What to work on ▸ What lines of the data below hold the string "fill"? Copy each one.

###

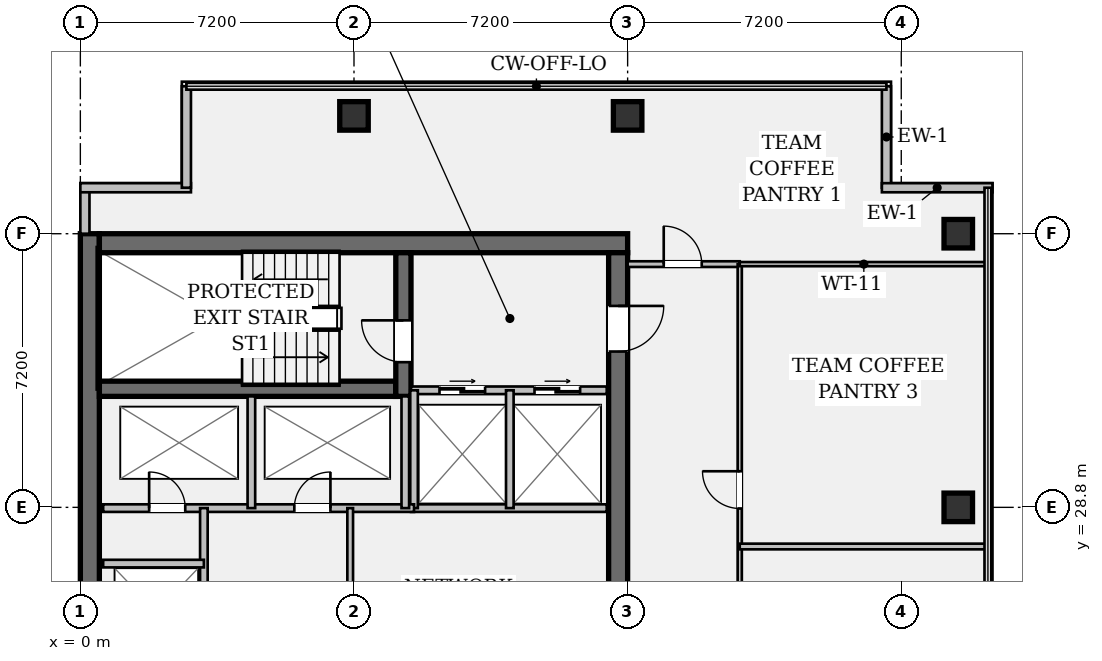
"""IFC4 building model, lengths in metres.
Left out: names, types, materials, properties, quantities, classifications, styles, units other than length and angle.
Written with IfcOpenShell. Run it as: python <this file> out.ifc"""

import sys

from ifc_helpers import new_model, si_unit, direction, frame, frame_2d, origin, origin_2d, place, context, subcontext, project, spatial, rectangle, hollow_rectangle, extrude, element, fill, save


model = new_model("IFC4")
c1 = context("Model", 3, precision=1e-05, world=origin(), true_north=direction((0.0, 1.0)))
c2 = subcontext(c1, "Body", "Model", "MODEL_VIEW")
j1 = project(units=[si_unit("LENGTHUNIT", "METRE"), si_unit("PLANEANGLEUNIT", "RADIAN")], contexts=[c1])
p1 = place(None, origin())
s1 = spatial("IfcSite", under=j1, at=p1, CompositionType="ELEMENT")
p2 = place(p1, origin())
s2 = spatial("IfcBuilding", under=s1, at=p2, CompositionType="ELEMENT")
p3 = place(p2, frame((0.0, 0.0, 218.75)))
s3 = spatial("IfcBuildingStorey", under=s2, at=p3, CompositionType="ELEMENT", Elevation=218.75)
p4 = place(p3, frame((0.25, 7.2, 0.0), z_axis=(0.0, 0.0, 1.0), x_axis=(0.0, 1.0, 0.0)))
e1 = element("IfcWall", 1, at=p4, inside=s3, PredefinedType="SHEAR", context=c2, shape_type="SweptSolid", body=[
    extrude(rectangle(XDim=28.8, YDim=0.5, at=frame_2d((14.4, 0.0))), origin(), (0.0, 0.0, 1.0), 3.24),
])
p5 = place(p3, frame((0.5, 35.75, 0.0), z_axis=(0.0, 0.0, 1.0), x_axis=(1.0, 0.0, 0.0)))
e2 = element("IfcWall", 2, at=p5, inside=s3, PredefinedType="SHEAR", context=c2, shape_type="SweptSolid", body=[
    extrude(rectangle(XDim=13.9, YDim=0.5, at=frame_2d((6.95, 0.0))), origin(), (0.0, 0.0, 1.0), 3.24),
])
p6 = place(p3, frame((14.15, 35.5, 0.0), z_axis=(0.0, 0.0, 1.0), x_axis=(0.0, -1.0, 0.0)))
e3 = element("IfcWall", 3, at=p6, inside=s3, PredefinedType="SHEAR", context=c2, shape_type="SweptSolid", body=[
    extrude(rectangle(XDim=27.8, YDim=0.5, at=frame_2d((13.9, 0.0))), origin(), (0.0, 0.0, 1.0), 3.24),
])
p7 = place(p6, frame((1.4, 0.0, 0.0)))
e4 = element("IfcOpeningElement", 4, at=p7, cuts=e3, PredefinedType="OPENING", context=c2, shape_type="SweptSolid", body=[
    extrude(rectangle(XDim=1.2, YDim=2.15, at=frame_2d((0.6, 1.075))), frame((0.0, 0.262, 0.0), z_axis=(0.0, -1.0, 0.0), x_axis=(1.0, 0.0, 0.0)), (0.0, 0.0, 1.0), 0.524),
])
p8 = place(p6, frame((25.35, 0.0, 0.0)))
e5 = element("IfcOpeningElement", 5, at=p8, cuts=e3, PredefinedType="OPENING", context=c2, shape_type="SweptSolid", body=[
    extrude(rectangle(XDim=1.2, YDim=2.15, at=frame_2d((0.6, 1.075))), frame((0.0, 0.262, 0.0), z_axis=(0.0, -1.0, 0.0), x_axis=(1.0, 0.0, 0.0)), (0.0, 0.0, 1.0), 0.524),
])
p9 = place(p6, frame((14.7, 0.0, 0.0)))
e6 = element("IfcOpeningElement", 6, at=p9, cuts=e3, PredefinedType="OPENING", context=c2, shape_type="SweptSolid", body=[
    extrude(rectangle(XDim=1.6, YDim=2.2, at=frame_2d((0.8, 1.1))), frame((0.0, 0.262, 0.0), z_axis=(0.0, -1.0, 0.0), x_axis=(1.0, 0.0, 0.0)), (0.0, 0.0, 1.0), 0.524),
])
p10 = place(p3, frame((0.5, 31.92, 0.0), z_axis=(0.0, 0.0, 1.0), x_axis=(1.0, 0.0, 0.0)))
e7 = element("IfcWall", 7, at=p10, inside=s3, PredefinedType="SHEAR", context=c2, shape_type="SweptSolid", body=[
    extrude(rectangle(XDim=7.8, YDim=0.4, at=frame_2d((3.9, 0.0))), origin(), (0.0, 0.0, 1.0), 3.24),
])
p11 = place(p3, frame((8.5, 31.72, 0.0), z_axis=(0.0, 0.0, 1.0), x_axis=(0.0, 1.0, 0.0)))
e8 = element("IfcWall", 8, at=p11, inside=s3, PredefinedType="SHEAR", context=c2, shape_type="SweptSolid", body=[
    extrude(rectangle(XDim=3.78, YDim=0.4, at=frame_2d((1.89, 0.0))), origin(), (0.0, 0.0, 1.0), 3.24),
])
p12 = place(p11, frame((0.9, 0.0, 0.0)))
e9 = element("IfcOpeningElement", 9, at=p12, cuts=e8, PredefinedType="OPENING", context=c2, shape_type="SweptSolid", body=[
    extrude(rectangle(XDim=1.1, YDim=2.15, at=frame_2d((0.55, 1.075))), frame((0.0, 0.212, 0.0), z_axis=(0.0, -1.0, 0.0), x_axis=(1.0, 0.0, 0.0)), (0.0, 0.0, 1.0), 0.424),
])
for number, where, z_axis, x_axis in (
    (10, (7.2, 39.1, 0.0), (0.0, 0.0, 1.0), (1.0, 0.0, 0.0)),
    (11, (14.4, 39.1, 0.0), (0.0, 0.0, 1.0), (1.0, 0.0, 0.0)),
    (12, (23.1, 28.8, 0.0), (0.0, 0.0, 1.0), (1.0, 0.0, 0.0)),
    (13, (23.1, 36.0, 0.0), (0.0, 0.0, 1.0), (1.0, 0.0, 0.0)),
):
    element("IfcColumn", number, at=place(p3, frame(where, z_axis=z_axis, x_axis=x_axis)), inside=s3, PredefinedType="COLUMN", context=c2, shape_type="SweptSolid", body=[
        extrude(hollow_rectangle(XDim=0.75, YDim=0.75, WallThickness=0.045, at=origin_2d()), origin(), (0.0, 0.0, 1.0), 3.24),
    ])
p13 = place(p3, frame((0.12, 36.0, 0.0), z_axis=(0.0, 0.0, 1.0), x_axis=(0.0, 1.0, 0.0)))
e14 = element("IfcWall", 14, at=p13, inside=s3, PredefinedType="STANDARD", context=c2, shape_type="SweptSolid", body=[
    extrude(rectangle(XDim=1.21, YDim=0.24, at=frame_2d((0.605, 0.0))), origin(), (0.0, 0.0, 1.0), 3.24),
])
p14 = place(p3, frame((0.0, 37.21, 0.0), z_axis=(0.0, 0.0, 1.0), x_axis=(1.0, 0.0, 0.0)))
e15 = element("IfcWall", 15, at=p14, inside=s3, PredefinedType="STANDARD", context=c2, shape_type="SweptSolid", body=[
    extrude(rectangle(XDim=2.91, YDim=0.24, at=frame_2d((1.455, 0.0))), origin(), (0.0, 0.0, 1.0), 3.24),
])
for number, where, z_axis, x_axis in (
    (16, (2.79, 37.21, 0.0), (0.0, 0.0, 1.0), (0.0, 1.0, 0.0)),
    (17, (21.21, 39.88, 0.0), (0.0, 0.0, 1.0), (0.0, -1.0, 0.0)),
):
    element("IfcWall", number, at=place(p3, frame(where, z_axis=z_axis, x_axis=x_axis)), inside=s3, PredefinedType="STANDARD", context=c2, shape_type="SweptSolid", body=[
        extrude(rectangle(XDim=2.67, YDim=0.24, at=frame_2d((1.335, 0.0))), origin(), (0.0, 0.0, 1.0), 3.24),
    ])
p15 = place(p3, frame((21.09, 37.21, 0.0), z_axis=(0.0, 0.0, 1.0), x_axis=(1.0, 0.0, 0.0)))
e18 = element("IfcWall", 18, at=p15, inside=s3, PredefinedType="STANDARD", context=c2, shape_type="SweptSolid", body=[
    extrude(rectangle(XDim=2.91, YDim=0.24, at=frame_2d((1.455, 0.0))), origin(), (0.0, 0.0, 1.0), 3.24),
])
p16 = place(p3, frame((8.7, 31.88, 0.0), z_axis=(0.0, 0.0, 1.0), x_axis=(1.0, 0.0, 0.0)))
e19 = element("IfcWall", 19, at=p16, inside=s3, PredefinedType="PARTITIONING", context=c2, shape_type="SweptSolid", body=[
    extrude(rectangle(XDim=5.15, YDim=0.2, at=frame_2d((2.575, 0.0))), origin(), (0.0, 0.0, 1.0), 3.24),
])
p17 = place(p16, frame((0.75, 0.0, 0.0)))
e20 = element("IfcOpeningElement", 20, at=p17, cuts=e19, PredefinedType="OPENING", context=c2, shape_type="SweptSolid", body=[
    extrude(rectangle(XDim=1.2, YDim=2.2, at=frame_2d((0.6, 1.1))), frame((0.0, 0.112, 0.0), z_axis=(0.0, -1.0, 0.0), x_axis=(1.0, 0.0, 0.0)), (0.0, 0.0, 1.0), 0.224),
])
p18 = place(p16, frame((3.25, 0.0, 0.0)))
e21 = element("IfcOpeningElement", 21, at=p18, cuts=e19, PredefinedType="OPENING", context=c2, shape_type="SweptSolid", body=[
    extrude(rectangle(XDim=1.2, YDim=2.2, at=frame_2d((0.6, 1.1))), frame((0.0, 0.112, 0.0), z_axis=(0.0, -1.0, 0.0), x_axis=(1.0, 0.0, 0.0)), (0.0, 0.0, 1.0), 0.224),
])
p19 = place(p3, frame((8.7, 28.78, 0.0), z_axis=(0.0, 0.0, 1.0), x_axis=(1.0, 0.0, 0.0)))
e22 = element("IfcWall", 22, at=p19, inside=s3, PredefinedType="PARTITIONING", context=c2, shape_type="SweptSolid", body=[
    extrude(rectangle(XDim=5.15, YDim=0.2, at=frame_2d((2.575, 0.0))), origin(), (0.0, 0.0, 1.0), 3.24),
])
for number, where, z_axis, x_axis in (
    (23, (8.78, 28.78, 0.0), (0.0, 0.0, 1.0), (0.0, 1.0, 0.0)),
    (24, (11.3, 28.78, 0.0), (0.0, 0.0, 1.0), (0.0, 1.0, 0.0)),
):
    element("IfcWall", number, at=place(p3, frame(where, z_axis=z_axis, x_axis=x_axis)), inside=s3, PredefinedType="PARTITIONING", context=c2, shape_type="SweptSolid", body=[
        extrude(rectangle(XDim=3.1, YDim=0.2, at=frame_2d((1.55, 0.0))), origin(), (0.0, 0.0, 1.0), 3.24),
    ])
p20 = place(p3, frame((0.6, 28.78, 0.0), z_axis=(0.0, 0.0, 1.0), x_axis=(1.0, 0.0, 0.0)))
e25 = element("IfcWall", 25, at=p20, inside=s3, PredefinedType="PARTITIONING", context=c2, shape_type="SweptSolid", body=[
    extrude(rectangle(XDim=8.18, YDim=0.2, at=frame_2d((4.09, 0.0))), origin(), (0.0, 0.0, 1.0), 3.24),
])
p21 = place(p20, frame((1.21, 0.0, 0.0)))
e26 = element("IfcOpeningElement", 26, at=p21, cuts=e25, PredefinedType="OPENING", context=c2, shape_type="SweptSolid", body=[
    extrude(rectangle(XDim=0.95, YDim=2.15, at=frame_2d((0.475, 1.075))), frame((0.0, 0.112, 0.0), z_axis=(0.0, -1.0, 0.0), x_axis=(1.0, 0.0, 0.0)), (0.0, 0.0, 1.0), 0.224),
])
p22 = place(p20, frame((5.03, 0.0, 0.0)))
e27 = element("IfcOpeningElement", 27, at=p22, cuts=e25, PredefinedType="OPENING", context=c2, shape_type="SweptSolid", body=[
    extrude(rectangle(XDim=0.95, YDim=2.15, at=frame_2d((0.475, 1.075))), frame((0.0, 0.112, 0.0), z_axis=(0.0, -1.0, 0.0), x_axis=(1.0, 0.0, 0.0)), (0.0, 0.0, 1.0), 0.224),
])
for number, where, z_axis, x_axis in (
    (28, (4.5, 28.78, 0.0), (0.0, 0.0, 1.0), (0.0, 1.0, 0.0)),
    (29, (8.55, 28.78, 0.0), (0.0, 0.0, 1.0), (0.0, 1.0, 0.0)),
):
    element("IfcWall", number, at=place(p3, frame(where, z_axis=z_axis, x_axis=x_axis)), inside=s3, PredefinedType="PARTITIONING", context=c2, shape_type="SweptSolid", body=[
        extrude(rectangle(XDim=2.94, YDim=0.2, at=frame_2d((1.47, 0.0))), origin(), (0.0, 0.0, 1.0), 3.24),
    ])
p23 = place(p3, frame((3.25, 15.7, 0.0), z_axis=(0.0, 0.0, 1.0), x_axis=(0.0, 1.0, 0.0)))
e30 = element("IfcWall", 30, at=p23, inside=s3, PredefinedType="PARTITIONING", context=c2, shape_type="SweptSolid", body=[
    extrude(rectangle(XDim=13.08, YDim=0.2, at=frame_2d((6.54, 0.0))), origin(), (0.0, 0.0, 1.0), 3.24),
])
p24 = place(p23, frame((0.9, 0.0, 0.0)))
e31 = element("IfcOpeningElement", 31, at=p24, cuts=e30, PredefinedType="OPENING", context=c2, shape_type="SweptSolid", body=[
    extrude(rectangle(XDim=1.1, YDim=2.2, at=frame_2d((0.55, 1.1))), frame((0.0, 0.112, 0.0), z_axis=(0.0, -1.0, 0.0), x_axis=(1.0, 0.0, 0.0)), (0.0, 0.0, 1.0), 0.224),
])
p25 = place(p23, frame((3.5, 0.0, 0.0)))
e32 = element("IfcOpeningElement", 32, at=p25, cuts=e30, PredefinedType="OPENING", context=c2, shape_type="SweptSolid", body=[
    extrude(rectangle(XDim=1.1, YDim=2.2, at=frame_2d((0.55, 1.1))), frame((0.0, 0.112, 0.0), z_axis=(0.0, -1.0, 0.0), x_axis=(1.0, 0.0, 0.0)), (0.0, 0.0, 1.0), 0.224),
])
p26 = place(p23, frame((7.2, 0.0, 0.0)))
e33 = element("IfcOpeningElement", 33, at=p26, cuts=e30, PredefinedType="OPENING", context=c2, shape_type="SweptSolid", body=[
    extrude(rectangle(XDim=1.1, YDim=2.2, at=frame_2d((0.55, 1.1))), frame((0.0, 0.112, 0.0), z_axis=(0.0, -1.0, 0.0), x_axis=(1.0, 0.0, 0.0)), (0.0, 0.0, 1.0), 0.224),
])
p27 = place(p23, frame((9.8, 0.0, 0.0)))
e34 = element("IfcOpeningElement", 34, at=p27, cuts=e30, PredefinedType="OPENING", context=c2, shape_type="SweptSolid", body=[
    extrude(rectangle(XDim=1.1, YDim=2.2, at=frame_2d((0.55, 1.1))), frame((0.0, 0.112, 0.0), z_axis=(0.0, -1.0, 0.0), x_axis=(1.0, 0.0, 0.0)), (0.0, 0.0, 1.0), 0.224),
])
p28 = place(p3, frame((0.6, 27.32, 0.0), z_axis=(0.0, 0.0, 1.0), x_axis=(1.0, 0.0, 0.0)))
e35 = element("IfcWall", 35, at=p28, inside=s3, PredefinedType="PARTITIONING", context=c2, shape_type="SweptSolid", body=[
    extrude(rectangle(XDim=2.65, YDim=0.2, at=frame_2d((1.325, 0.0))), origin(), (0.0, 0.0, 1.0), 3.24),
])
p29 = place(p3, frame((7.1, 22.2, 0.0), z_axis=(0.0, 0.0, 1.0), x_axis=(0.0, 1.0, 0.0)))
e36 = element("IfcWall", 36, at=p29, inside=s3, PredefinedType="PARTITIONING", context=c2, shape_type="SweptSolid", body=[
    extrude(rectangle(XDim=6.58, YDim=0.15, at=frame_2d((3.29, 0.0))), origin(), (0.0, 0.0, 1.0), 3.24),
])
p30 = place(p3, frame((14.4, 35.2, 0.0), z_axis=(0.0, 0.0, 1.0), x_axis=(1.0, 0.0, 0.0)))
e37 = element("IfcWall", 37, at=p30, inside=s3, PredefinedType="PARTITIONING", context=c2, shape_type="SweptSolid", body=[
    extrude(rectangle(XDim=2.95, YDim=0.15, at=frame_2d((1.475, 0.0))), origin(), (0.0, 0.0, 1.0), 2.808),
])
p31 = place(p30, frame((0.95, 0.0, 0.0)))
e38 = element("IfcOpeningElement", 38, at=p31, cuts=e37, PredefinedType="OPENING", context=c2, shape_type="SweptSolid", body=[
    extrude(rectangle(XDim=1.0, YDim=2.15, at=frame_2d((0.5, 1.075))), frame((0.0, 0.087, 0.0), z_axis=(0.0, -1.0, 0.0), x_axis=(1.0, 0.0, 0.0)), (0.0, 0.0, 1.0), 0.174),
])
p32 = place(p3, frame((17.35, 12.75, 0.0), z_axis=(0.0, 0.0, 1.0), x_axis=(0.0, 1.0, 0.0)))
e39 = element("IfcWall", 39, at=p32, inside=s3, PredefinedType="PARTITIONING", context=c2, shape_type="SweptSolid", body=[
    extrude(rectangle(XDim=22.45, YDim=0.11, at=frame_2d((11.225, 0.0))), origin(), (0.0, 0.0, 1.0), 2.613),
])
p33 = place(p32, frame((4.3, 0.0, 0.0)))
e40 = element("IfcOpeningElement", 40, at=p33, cuts=e39, PredefinedType="OPENING", context=c2, shape_type="SweptSolid", body=[
    extrude(rectangle(XDim=0.98, YDim=2.15, at=frame_2d((0.49, 1.075))), frame((0.0, 0.067, 0.0), z_axis=(0.0, -1.0, 0.0), x_axis=(1.0, 0.0, 0.0)), (0.0, 0.0, 1.0), 0.134),
])
p34 = place(p32, frame((8.0, 0.0, 0.0)))
e41 = element("IfcOpeningElement", 41, at=p34, cuts=e39, PredefinedType="OPENING", context=c2, shape_type="SweptSolid", body=[
    extrude(rectangle(XDim=0.98, YDim=2.15, at=frame_2d((0.49, 1.075))), frame((0.0, 0.067, 0.0), z_axis=(0.0, -1.0, 0.0), x_axis=(1.0, 0.0, 0.0)), (0.0, 0.0, 1.0), 0.134),
])
p35 = place(p32, frame((16.02, 0.0, 0.0)))
e42 = element("IfcOpeningElement", 42, at=p35, cuts=e39, PredefinedType="OPENING", context=c2, shape_type="SweptSolid", body=[
    extrude(rectangle(XDim=0.98, YDim=2.15, at=frame_2d((0.49, 1.075))), frame((0.0, 0.067, 0.0), z_axis=(0.0, -1.0, 0.0), x_axis=(1.0, 0.0, 0.0)), (0.0, 0.0, 1.0), 0.134),
])
p36 = place(p3, frame((17.35, 35.2, 0.0), z_axis=(0.0, 0.0, 1.0), x_axis=(1.0, 0.0, 0.0)))
e43 = element("IfcWall", 43, at=p36, inside=s3, PredefinedType="PARTITIONING", context=c2, shape_type="SweptSolid", body=[
    extrude(rectangle(XDim=6.53, YDim=0.11, at=frame_2d((3.265, 0.0))), origin(), (0.0, 0.0, 1.0), 2.808),
])
p37 = place(p3, frame((17.35, 27.77, 0.0), z_axis=(0.0, 0.0, 1.0), x_axis=(1.0, 0.0, 0.0)))
e44 = element("IfcWall", 44, at=p37, inside=s3, PredefinedType="PARTITIONING", context=c2, shape_type="SweptSolid", body=[
    extrude(rectangle(XDim=6.53, YDim=0.15, at=frame_2d((3.265, 0.0))), origin(), (0.0, 0.0, 1.0), 2.808),
])
p38 = place(p12, origin())
e45 = element("IfcDoor", 45, at=p38, inside=s3, OperationType="SINGLE_SWING_RIGHT", PredefinedType="DOOR", context=c2, shape_type="SweptSolid", body=[
    extrude(rectangle(XDim=1.1, YDim=2.15, at=frame_2d((0.55, 1.075))), frame((0.0, 0.025, 0.0), z_axis=(0.0, -1.0, 0.0), x_axis=(1.0, 0.0, 0.0)), (0.0, 0.0, 1.0), 0.05),
])
fill(e9, e45)
p39 = place(p7, origin())
e46 = element("IfcDoor", 46, at=p39, inside=s3, OperationType="SINGLE_SWING_LEFT", PredefinedType="DOOR", context=c2, shape_type="SweptSolid", body=[
    extrude(rectangle(XDim=1.2, YDim=2.15, at=frame_2d((0.6, 1.075))), frame((0.0, 0.025, 0.0), z_axis=(0.0, -1.0, 0.0), x_axis=(1.0, 0.0, 0.0)), (0.0, 0.0, 1.0), 0.05),
])
fill(e4, e46)
p40 = place(p17, origin())
e47 = element("IfcDoor", 47, at=p40, inside=s3, OperationType="DOUBLE_DOOR_SLIDING", PredefinedType="DOOR", context=c2, shape_type="SweptSolid", body=[
    extrude(rectangle(XDim=1.2, YDim=2.2, at=frame_2d((0.6, 1.1))), frame((0.0, 0.025, 0.0), z_axis=(0.0, -1.0, 0.0), x_axis=(1.0, 0.0, 0.0)), (0.0, 0.0, 1.0), 0.05),
])
fill(e20, e47)
p41 = place(p18, origin())
e48 = element("IfcDoor", 48, at=p41, inside=s3, OperationType="DOUBLE_DOOR_SLIDING", PredefinedType="DOOR", context=c2, shape_type="SweptSolid", body=[
    extrude(rectangle(XDim=1.2, YDim=2.2, at=frame_2d((0.6, 1.1))), frame((0.0, 0.025, 0.0), z_axis=(0.0, -1.0, 0.0), x_axis=(1.0, 0.0, 0.0)), (0.0, 0.0, 1.0), 0.05),
])
fill(e21, e48)
p42 = place(p21, origin())
e49 = element("IfcDoor", 49, at=p42, inside=s3, OperationType="SINGLE_SWING_LEFT", PredefinedType="DOOR", context=c2, shape_type="SweptSolid", body=[
    extrude(rectangle(XDim=0.95, YDim=2.15, at=frame_2d((0.475, 1.075))), frame((0.0, 0.025, 0.0), z_axis=(0.0, -1.0, 0.0), x_axis=(1.0, 0.0, 0.0)), (0.0, 0.0, 1.0), 0.05),
])
fill(e26, e49)
p43 = place(p22, origin())
e50 = element("IfcDoor", 50, at=p43, inside=s3, OperationType="SINGLE_SWING_RIGHT", PredefinedType="DOOR", context=c2, shape_type="SweptSolid", body=[
    extrude(rectangle(XDim=0.95, YDim=2.15, at=frame_2d((0.475, 1.075))), frame((0.0, 0.025, 0.0), z_axis=(0.0, -1.0, 0.0), x_axis=(1.0, 0.0, 0.0)), (0.0, 0.0, 1.0), 0.05),
])
fill(e27, e50)
p44 = place(p31, origin())
e51 = element("IfcDoor", 51, at=p44, inside=s3, OperationType="SINGLE_SWING_LEFT", PredefinedType="DOOR", context=c2, shape_type="SweptSolid", body=[
    extrude(rectangle(XDim=1.0, YDim=2.15, at=frame_2d((0.5, 1.075))), frame((0.0, 0.025, 0.0), z_axis=(0.0, -1.0, 0.0), x_axis=(1.0, 0.0, 0.0)), (0.0, 0.0, 1.0), 0.05),
])
fill(e38, e51)
p45 = place(p35, origin())
e52 = element("IfcDoor", 52, at=p45, inside=s3, OperationType="SINGLE_SWING_RIGHT", PredefinedType="DOOR", context=c2, shape_type="SweptSolid", body=[
    extrude(rectangle(XDim=0.98, YDim=2.15, at=frame_2d((0.49, 1.075))), frame((0.0, 0.025, 0.0), z_axis=(0.0, -1.0, 0.0), x_axis=(1.0, 0.0, 0.0)), (0.0, 0.0, 1.0), 0.05),
])
fill(e42, e52)
save(model, sys.argv[1])

###

Output below ▸
from ifc_helpers import new_model, si_unit, direction, frame, frame_2d, origin, origin_2d, place, context, subcontext, project, spatial, rectangle, hollow_rectangle, extrude, element, fill, save
fill(e9, e45)
fill(e4, e46)
fill(e20, e47)
fill(e21, e48)
fill(e26, e49)
fill(e27, e50)
fill(e38, e51)
fill(e42, e52)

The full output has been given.